**EXERCISE PROMPT:**
Write out only the lines from the top of the listing below through the one with "#30=DIRECTION('',(1.,-0.,-0.));", exactly as they stand, while keeping pictures out of the copy.

**PROVIDED INFORMATION:**
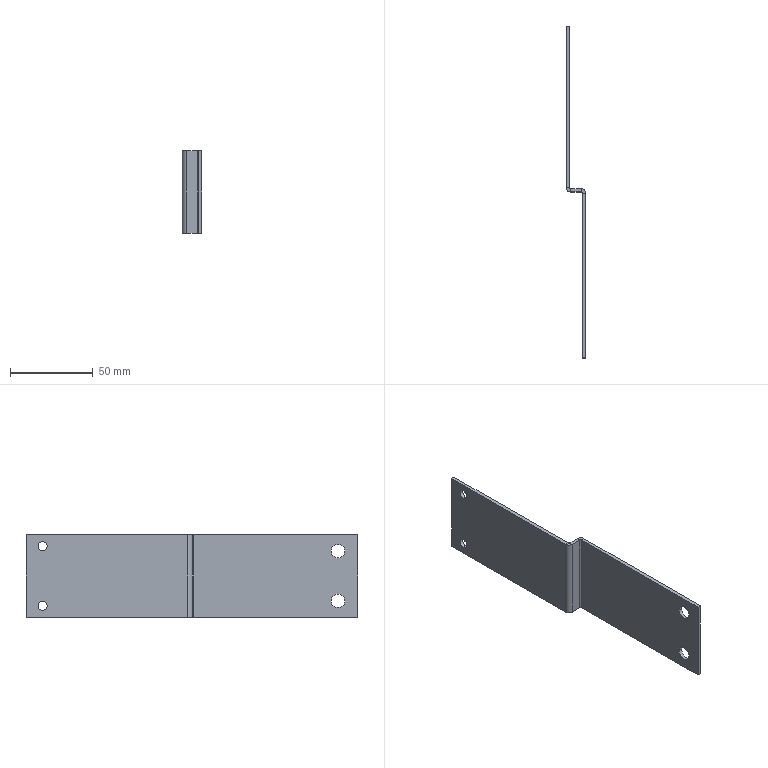Component | SolidWorks | JL001-05-01-010-2 | 1 solid | 30 faces | box 12 x 200 x 50 mm | volume 20545 mm3 | plane 18 | cylinder 12 | commonest cylinder face diameters 8.2 x4 5.5 x4 1.473 x2 5.473 x2
STEP:
#1=COLOUR_RGB('',0.7922,0.8196,0.9333);
#2=FILL_AREA_STYLE_COLOUR('',#1);
#3=FILL_AREA_STYLE('',(#2));
#4=SURFACE_STYLE_FILL_AREA(#3);
#5=SURFACE_SIDE_STYLE('',(#4));
#6=SURFACE_STYLE_USAGE(.BOTH.,#5);
#7=PRESENTATION_STYLE_ASSIGNMENT((#6));
#8=CARTESIAN_POINT('',(1.181,37.319,-0.4724));
#9=VERTEX_POINT('',#8);
#10=CARTESIAN_POINT('',(1.181,37.642,-0.4724));
#11=VERTEX_POINT('',#10);
#12=CARTESIAN_POINT('',(1.181,37.48,-0.4724));
#13=DIRECTION('',(-1.,0.,0.));
#14=DIRECTION('',(0.,1.,0.));
#15=AXIS2_PLACEMENT_3D('',#12,#13,#14);
#16=CIRCLE('',#15,0.1614);
#17=EDGE_CURVE('',#9,#11,#16,.T.);
#18=ORIENTED_EDGE('',*,*,#17,.T.);
#19=CARTESIAN_POINT('',(1.26,37.642,-0.4724));
#20=VERTEX_POINT('',#19);
#21=CARTESIAN_POINT('',(1.26,37.642,-0.4724));
#22=DIRECTION('',(1.,-0.,-0.));
#23=VECTOR('',#22,39.37);
#24=LINE('',#21,#23);
#25=EDGE_CURVE('',#11,#20,#24,.T.);
#26=ORIENTED_EDGE('',*,*,#25,.T.);
#27=CARTESIAN_POINT('',(1.26,37.319,-0.4724));
#28=VERTEX_POINT('',#27);
#29=CARTESIAN_POINT('',(1.26,37.48,-0.4724));
#30=DIRECTION('',(1.,-0.,-0.));
#31=DIRECTION('',(0.,-1.,0.));
#32=AXIS2_PLACEMENT_3D('',#29,#30,#31);
#33=CIRCLE('',#32,0.1614);
#34=EDGE_CURVE('',#20,#28,#33,.T.);
#35=ORIENTED_EDGE('',*,*,#34,.T.);
#36=CARTESIAN_POINT('',(1.26,37.319,-0.4724));
#37=DIRECTION('',(1.,-0.,-0.));
#38=VECTOR('',#37,39.37);
#39=LINE('',#36,#38);
#40=EDGE_CURVE('',#9,#28,#39,.T.);
#41=ORIENTED_EDGE('',*,*,#40,.F.);
#42=EDGE_LOOP('',(#18,#26,#35,#41));
#43=FACE_OUTER_BOUND('',#42,.T.);
#44=CARTESIAN_POINT('',(1.26,37.48,-0.4724));
#45=DIRECTION('',(1.,-0.,-0.));
#46=DIRECTION('',(0.,-1.,0.));
#47=AXIS2_PLACEMENT_3D('',#44,#45,#46);
#48=CYLINDRICAL_SURFACE('',#47,0.1614);
#49=ADVANCED_FACE('',(#43),#48,.F.);
#50=CARTESIAN_POINT('',(1.181,37.319,0.7087));
#51=VERTEX_POINT('',#50);
#52=CARTESIAN_POINT('',(1.181,37.642,0.7087));
#53=VERTEX_POINT('',#52);
#54=CARTESIAN_POINT('',(1.181,37.48,0.7087));
#55=DIRECTION('',(-1.,0.,0.));
#56=DIRECTION('',(0.,1.,0.));
#57=AXIS2_PLACEMENT_3D('',#54,#55,#56);
#58=CIRCLE('',#57,0.1614);
#59=EDGE_CURVE('',#51,#53,#58,.T.);
#60=ORIENTED_EDGE('',*,*,#59,.T.);
#61=CARTESIAN_POINT('',(1.26,37.642,0.7087));
#62=VERTEX_POINT('',#61);
#63=CARTESIAN_POINT('',(1.26,37.642,0.7087));
#64=DIRECTION('',(1.,-0.,-0.));
#65=VECTOR('',#64,39.37);
#66=LINE('',#63,#65);
#67=EDGE_CURVE('',#53,#62,#66,.T.);
#68=ORIENTED_EDGE('',*,*,#67,.T.);
#69=CARTESIAN_POINT('',(1.26,37.319,0.7087));
#70=VERTEX_POINT('',#69);
#71=CARTESIAN_POINT('',(1.26,37.48,0.7087));
#72=DIRECTION('',(1.,-0.,-0.));
#73=DIRECTION('',(0.,-1.,0.));
#74=AXIS2_PLACEMENT_3D('',#71,#72,#73);
#75=CIRCLE('',#74,0.1614);
#76=EDGE_CURVE('',#62,#70,#75,.T.);
#77=ORIENTED_EDGE('',*,*,#76,.T.);
#78=CARTESIAN_POINT('',(1.26,37.319,0.7087));
#79=DIRECTION('',(1.,-0.,-0.));
#80=VECTOR('',#79,39.37);
#81=LINE('',#78,#80);
#82=EDGE_CURVE('',#51,#70,#81,.T.);
#83=ORIENTED_EDGE('',*,*,#82,.F.);
#84=EDGE_LOOP('',(#60,#68,#77,#83));
#85=FACE_OUTER_BOUND('',#84,.T.);
#86=CARTESIAN_POINT('',(1.26,37.48,0.7087));
#87=DIRECTION('',(1.,-0.,-0.));
#88=DIRECTION('',(0.,-1.,0.));
#89=AXIS2_PLACEMENT_3D('',#86,#87,#88);
#90=CYLINDRICAL_SURFACE('',#89,0.1614);
#91=ADVANCED_FACE('',(#85),#90,.F.);
#92=CARTESIAN_POINT('',(0.7874,44.488,-0.6988));
#93=VERTEX_POINT('',#92);
#94=CARTESIAN_POINT('',(0.7874,44.488,-0.4823));
#95=VERTEX_POINT('',#94);
#96=CARTESIAN_POINT('',(0.7874,44.488,-0.5906));
#97=DIRECTION('',(1.,0.,-0.));
#98=DIRECTION('',(0.,0.,1.));
#99=AXIS2_PLACEMENT_3D('',#96,#97,#98);
#100=CIRCLE('',#99,0.1083);
#101=EDGE_CURVE('',#93,#95,#100,.T.);
#102=ORIENTED_EDGE('',*,*,#101,.F.);
#103=CARTESIAN_POINT('',(0.8661,44.488,-0.6988));
#104=VERTEX_POINT('',#103);
#105=CARTESIAN_POINT('',(0.8661,44.488,-0.6988));
#106=DIRECTION('',(1.,0.,-0.));
#107=VECTOR('',#106,39.37);
#108=LINE('',#105,#107);
#109=EDGE_CURVE('',#93,#104,#108,.T.);
#110=ORIENTED_EDGE('',*,*,#109,.T.);
#111=CARTESIAN_POINT('',(0.8661,44.488,-0.4823));
#112=VERTEX_POINT('',#111);
#113=CARTESIAN_POINT('',(0.8661,44.488,-0.5906));
#114=DIRECTION('',(1.,0.,-0.));
#115=DIRECTION('',(0.,0.,1.));
#116=AXIS2_PLACEMENT_3D('',#113,#114,#115);
#117=CIRCLE('',#116,0.1083);
#118=EDGE_CURVE('',#104,#112,#117,.T.);
#119=ORIENTED_EDGE('',*,*,#118,.T.);
#120=CARTESIAN_POINT('',(0.8661,44.488,-0.4823));
#121=DIRECTION('',(1.,0.,-0.));
#122=VECTOR('',#121,39.37);
#123=LINE('',#120,#122);
#124=EDGE_CURVE('',#95,#112,#123,.T.);
#125=ORIENTED_EDGE('',*,*,#124,.F.);
#126=EDGE_LOOP('',(#102,#110,#119,#125));
#127=FACE_OUTER_BOUND('',#126,.T.);
#128=CARTESIAN_POINT('',(0.8661,44.488,-0.5906));
#129=DIRECTION('',(1.,0.,-0.));
#130=DIRECTION('',(0.,0.,1.));
#131=AXIS2_PLACEMENT_3D('',#128,#129,#130);
#132=CYLINDRICAL_SURFACE('',#131,0.1083);
#133=ADVANCED_FACE('',(#127),#132,.F.);
#134=CARTESIAN_POINT('',(0.7874,44.488,0.7185));
#135=VERTEX_POINT('',#134);
#136=CARTESIAN_POINT('',(0.7874,44.488,0.935));
#137=VERTEX_POINT('',#136);
#138=CARTESIAN_POINT('',(0.7874,44.488,0.8268));
#139=DIRECTION('',(1.,0.,-0.));
#140=DIRECTION('',(0.,0.,1.));
#141=AXIS2_PLACEMENT_3D('',#138,#139,#140);
#142=CIRCLE('',#141,0.1083);
#143=EDGE_CURVE('',#135,#137,#142,.T.);
#144=ORIENTED_EDGE('',*,*,#143,.F.);
#145=CARTESIAN_POINT('',(0.8661,44.488,0.7185));
#146=VERTEX_POINT('',#145);
#147=CARTESIAN_POINT('',(0.8661,44.488,0.7185));
#148=DIRECTION('',(1.,0.,-0.));
#149=VECTOR('',#148,39.37);
#150=LINE('',#147,#149);
#151=EDGE_CURVE('',#135,#146,#150,.T.);
#152=ORIENTED_EDGE('',*,*,#151,.T.);
#153=CARTESIAN_POINT('',(0.8661,44.488,0.935));
#154=VERTEX_POINT('',#153);
#155=CARTESIAN_POINT('',(0.8661,44.488,0.8268));
#156=DIRECTION('',(1.,0.,-0.));
#157=DIRECTION('',(0.,0.,1.));
#158=AXIS2_PLACEMENT_3D('',#155,#156,#157);
#159=CIRCLE('',#158,0.1083);
#160=EDGE_CURVE('',#146,#154,#159,.T.);
#161=ORIENTED_EDGE('',*,*,#160,.T.);
#162=CARTESIAN_POINT('',(0.8661,44.488,0.935));
#163=DIRECTION('',(1.,0.,-0.));
#164=VECTOR('',#163,39.37);
#165=LINE('',#162,#164);
#166=EDGE_CURVE('',#137,#154,#165,.T.);
#167=ORIENTED_EDGE('',*,*,#166,.F.);
#168=EDGE_LOOP('',(#144,#152,#161,#167));
#169=FACE_OUTER_BOUND('',#168,.T.);
#170=CARTESIAN_POINT('',(0.8661,44.488,0.8268));
#171=DIRECTION('',(1.,0.,-0.));
#172=DIRECTION('',(0.,0.,1.));
#173=AXIS2_PLACEMENT_3D('',#170,#171,#172);
#174=CYLINDRICAL_SURFACE('',#173,0.1083);
#175=ADVANCED_FACE('',(#169),#174,.F.);
#176=CARTESIAN_POINT('',(0.8951,40.945,-0.8661));
#177=VERTEX_POINT('',#176);
#178=CARTESIAN_POINT('',(0.8951,41.024,-0.8661));
#179=VERTEX_POINT('',#178);
#180=CARTESIAN_POINT('',(0.8951,40.945,-0.8661));
#181=DIRECTION('',(0.,1.,0.));
#182=VECTOR('',#181,39.37);
#183=LINE('',#180,#182);
#184=EDGE_CURVE('',#177,#179,#183,.T.);
#185=ORIENTED_EDGE('',*,*,#184,.F.);
#186=CARTESIAN_POINT('',(0.7874,41.053,-0.8661));
#187=VERTEX_POINT('',#186);
#188=CARTESIAN_POINT('',(0.8951,41.053,-0.8661));
#189=DIRECTION('',(0.,0.,1.));
#190=DIRECTION('',(1.,0.,0.));
#191=AXIS2_PLACEMENT_3D('',#188,#189,#190);
#192=CIRCLE('',#191,0.1077);
#193=EDGE_CURVE('',#187,#177,#192,.T.);
#194=ORIENTED_EDGE('',*,*,#193,.F.);
#195=CARTESIAN_POINT('',(0.8661,41.053,-0.8661));
#196=VERTEX_POINT('',#195);
#197=CARTESIAN_POINT('',(0.8661,41.053,-0.8661));
#198=DIRECTION('',(-1.,0.,0.));
#199=VECTOR('',#198,39.37);
#200=LINE('',#197,#199);
#201=EDGE_CURVE('',#196,#187,#200,.T.);
#202=ORIENTED_EDGE('',*,*,#201,.F.);
#203=CARTESIAN_POINT('',(0.8951,41.053,-0.8661));
#204=DIRECTION('',(0.,0.,1.));
#205=DIRECTION('',(1.,0.,0.));
#206=AXIS2_PLACEMENT_3D('',#203,#204,#205);
#207=CIRCLE('',#206,0.029);
#208=EDGE_CURVE('',#196,#179,#207,.T.);
#209=ORIENTED_EDGE('',*,*,#208,.T.);
#210=EDGE_LOOP('',(#185,#194,#202,#209));
#211=FACE_OUTER_BOUND('',#210,.T.);
#212=CARTESIAN_POINT('',(0.8951,40.945,-0.8661));
#213=DIRECTION('',(-0.,0.,-1.));
#214=DIRECTION('',(1.,0.,-0.));
#215=AXIS2_PLACEMENT_3D('',#212,#213,#214);
#216=PLANE('',#215);
#217=ADVANCED_FACE('',(#211),#216,.T.);
#218=CARTESIAN_POINT('',(1.152,40.945,-0.8661));
#219=VERTEX_POINT('',#218);
#220=CARTESIAN_POINT('',(0.7874,40.945,-0.8661));
#221=DIRECTION('',(1.,0.,-0.));
#222=VECTOR('',#221,39.37);
#223=LINE('',#220,#222);
#224=EDGE_CURVE('',#177,#219,#223,.T.);
#225=ORIENTED_EDGE('',*,*,#224,.F.);
#226=ORIENTED_EDGE('',*,*,#184,.T.);
#227=CARTESIAN_POINT('',(1.152,41.024,-0.8661));
#228=VERTEX_POINT('',#227);
#229=CARTESIAN_POINT('',(0.7874,41.024,-0.8661));
#230=DIRECTION('',(1.,0.,-0.));
#231=VECTOR('',#230,39.37);
#232=LINE('',#229,#231);
#233=EDGE_CURVE('',#179,#228,#232,.T.);
#234=ORIENTED_EDGE('',*,*,#233,.T.);
#235=CARTESIAN_POINT('',(1.152,41.024,-0.8661));
#236=DIRECTION('',(0.,-1.,0.));
#237=VECTOR('',#236,39.37);
#238=LINE('',#235,#237);
#239=EDGE_CURVE('',#228,#219,#238,.T.);
#240=ORIENTED_EDGE('',*,*,#239,.T.);
#241=EDGE_LOOP('',(#225,#226,#234,#240));
#242=FACE_OUTER_BOUND('',#241,.T.);
#243=CARTESIAN_POINT('',(0.8661,41.053,-0.8661));
#244=DIRECTION('',(-0.,0.,-1.));
#245=DIRECTION('',(1.,0.,-0.));
#246=AXIS2_PLACEMENT_3D('',#243,#244,#245);
#247=PLANE('',#246);
#248=ADVANCED_FACE('',(#242),#247,.T.);
#249=CARTESIAN_POINT('',(0.7874,41.053,1.102));
#250=VERTEX_POINT('',#249);
#251=CARTESIAN_POINT('',(0.8661,41.053,1.102));
#252=VERTEX_POINT('',#251);
#253=CARTESIAN_POINT('',(0.7874,41.053,1.102));
#254=DIRECTION('',(1.,0.,-0.));
#255=VECTOR('',#254,39.37);
#256=LINE('',#253,#255);
#257=EDGE_CURVE('',#250,#252,#256,.T.);
#258=ORIENTED_EDGE('',*,*,#257,.F.);
#259=CARTESIAN_POINT('',(0.8951,40.945,1.102));
#260=VERTEX_POINT('',#259);
#261=CARTESIAN_POINT('',(0.8951,41.053,1.102));
#262=DIRECTION('',(0.,0.,1.));
#263=DIRECTION('',(1.,0.,0.));
#264=AXIS2_PLACEMENT_3D('',#261,#262,#263);
#265=CIRCLE('',#264,0.1077);
#266=EDGE_CURVE('',#250,#260,#265,.T.);
#267=ORIENTED_EDGE('',*,*,#266,.T.);
#268=CARTESIAN_POINT('',(0.8951,41.024,1.102));
#269=VERTEX_POINT('',#268);
#270=CARTESIAN_POINT('',(0.8951,41.024,1.102));
#271=DIRECTION('',(0.,-1.,0.));
#272=VECTOR('',#271,39.37);
#273=LINE('',#270,#272);
#274=EDGE_CURVE('',#269,#260,#273,.T.);
#275=ORIENTED_EDGE('',*,*,#274,.F.);
#276=CARTESIAN_POINT('',(0.8951,41.053,1.102));
#277=DIRECTION('',(0.,0.,1.));
#278=DIRECTION('',(1.,0.,0.));
#279=AXIS2_PLACEMENT_3D('',#276,#277,#278);
#280=CIRCLE('',#279,0.029);
#281=EDGE_CURVE('',#252,#269,#280,.T.);
#282=ORIENTED_EDGE('',*,*,#281,.F.);
#283=EDGE_LOOP('',(#258,#267,#275,#282));
#284=FACE_OUTER_BOUND('',#283,.T.);
#285=CARTESIAN_POINT('',(0.7874,41.053,1.102));
#286=DIRECTION('',(0.,0.,1.));
#287=DIRECTION('',(-1.,0.,0.));
#288=AXIS2_PLACEMENT_3D('',#285,#286,#287);
#289=PLANE('',#288);
#290=ADVANCED_FACE('',(#284),#289,.T.);
#291=CARTESIAN_POINT('',(0.7874,44.882,1.102));
#292=VERTEX_POINT('',#291);
#293=CARTESIAN_POINT('',(0.7874,44.882,1.102));
#294=DIRECTION('',(0.,-1.,0.));
#295=VECTOR('',#294,39.37);
#296=LINE('',#293,#295);
#297=EDGE_CURVE('',#292,#250,#296,.T.);
#298=ORIENTED_EDGE('',*,*,#297,.T.);
#299=ORIENTED_EDGE('',*,*,#257,.T.);
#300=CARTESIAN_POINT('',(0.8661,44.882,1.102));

**RESPONSE TO THE EXERCISE:**
Component | SolidWorks | JL001-05-01-010-2 | 1 solid | 30 faces | box 12 x 200 x 50 mm | volume 20545 mm3 | plane 18 | cylinder 12 | commonest cylinder face diameters 8.2 x4 5.5 x4 1.473 x2 5.473 x2
STEP:
#1=COLOUR_RGB('',0.7922,0.8196,0.9333);
#2=FILL_AREA_STYLE_COLOUR('',#1);
#3=FILL_AREA_STYLE('',(#2));
#4=SURFACE_STYLE_FILL_AREA(#3);
#5=SURFACE_SIDE_STYLE('',(#4));
#6=SURFACE_STYLE_USAGE(.BOTH.,#5);
#7=PRESENTATION_STYLE_ASSIGNMENT((#6));
#8=CARTESIAN_POINT('',(1.181,37.319,-0.4724));
#9=VERTEX_POINT('',#8);
#10=CARTESIAN_POINT('',(1.181,37.642,-0.4724));
#11=VERTEX_POINT('',#10);
#12=CARTESIAN_POINT('',(1.181,37.48,-0.4724));
#13=DIRECTION('',(-1.,0.,0.));
#14=DIRECTION('',(0.,1.,0.));
#15=AXIS2_PLACEMENT_3D('',#12,#13,#14);
#16=CIRCLE('',#15,0.1614);
#17=EDGE_CURVE('',#9,#11,#16,.T.);
#18=ORIENTED_EDGE('',*,*,#17,.T.);
#19=CARTESIAN_POINT('',(1.26,37.642,-0.4724));
#20=VERTEX_POINT('',#19);
#21=CARTESIAN_POINT('',(1.26,37.642,-0.4724));
#22=DIRECTION('',(1.,-0.,-0.));
#23=VECTOR('',#22,39.37);
#24=LINE('',#21,#23);
#25=EDGE_CURVE('',#11,#20,#24,.T.);
#26=ORIENTED_EDGE('',*,*,#25,.T.);
#27=CARTESIAN_POINT('',(1.26,37.319,-0.4724));
#28=VERTEX_POINT('',#27);
#29=CARTESIAN_POINT('',(1.26,37.48,-0.4724));
#30=DIRECTION('',(1.,-0.,-0.));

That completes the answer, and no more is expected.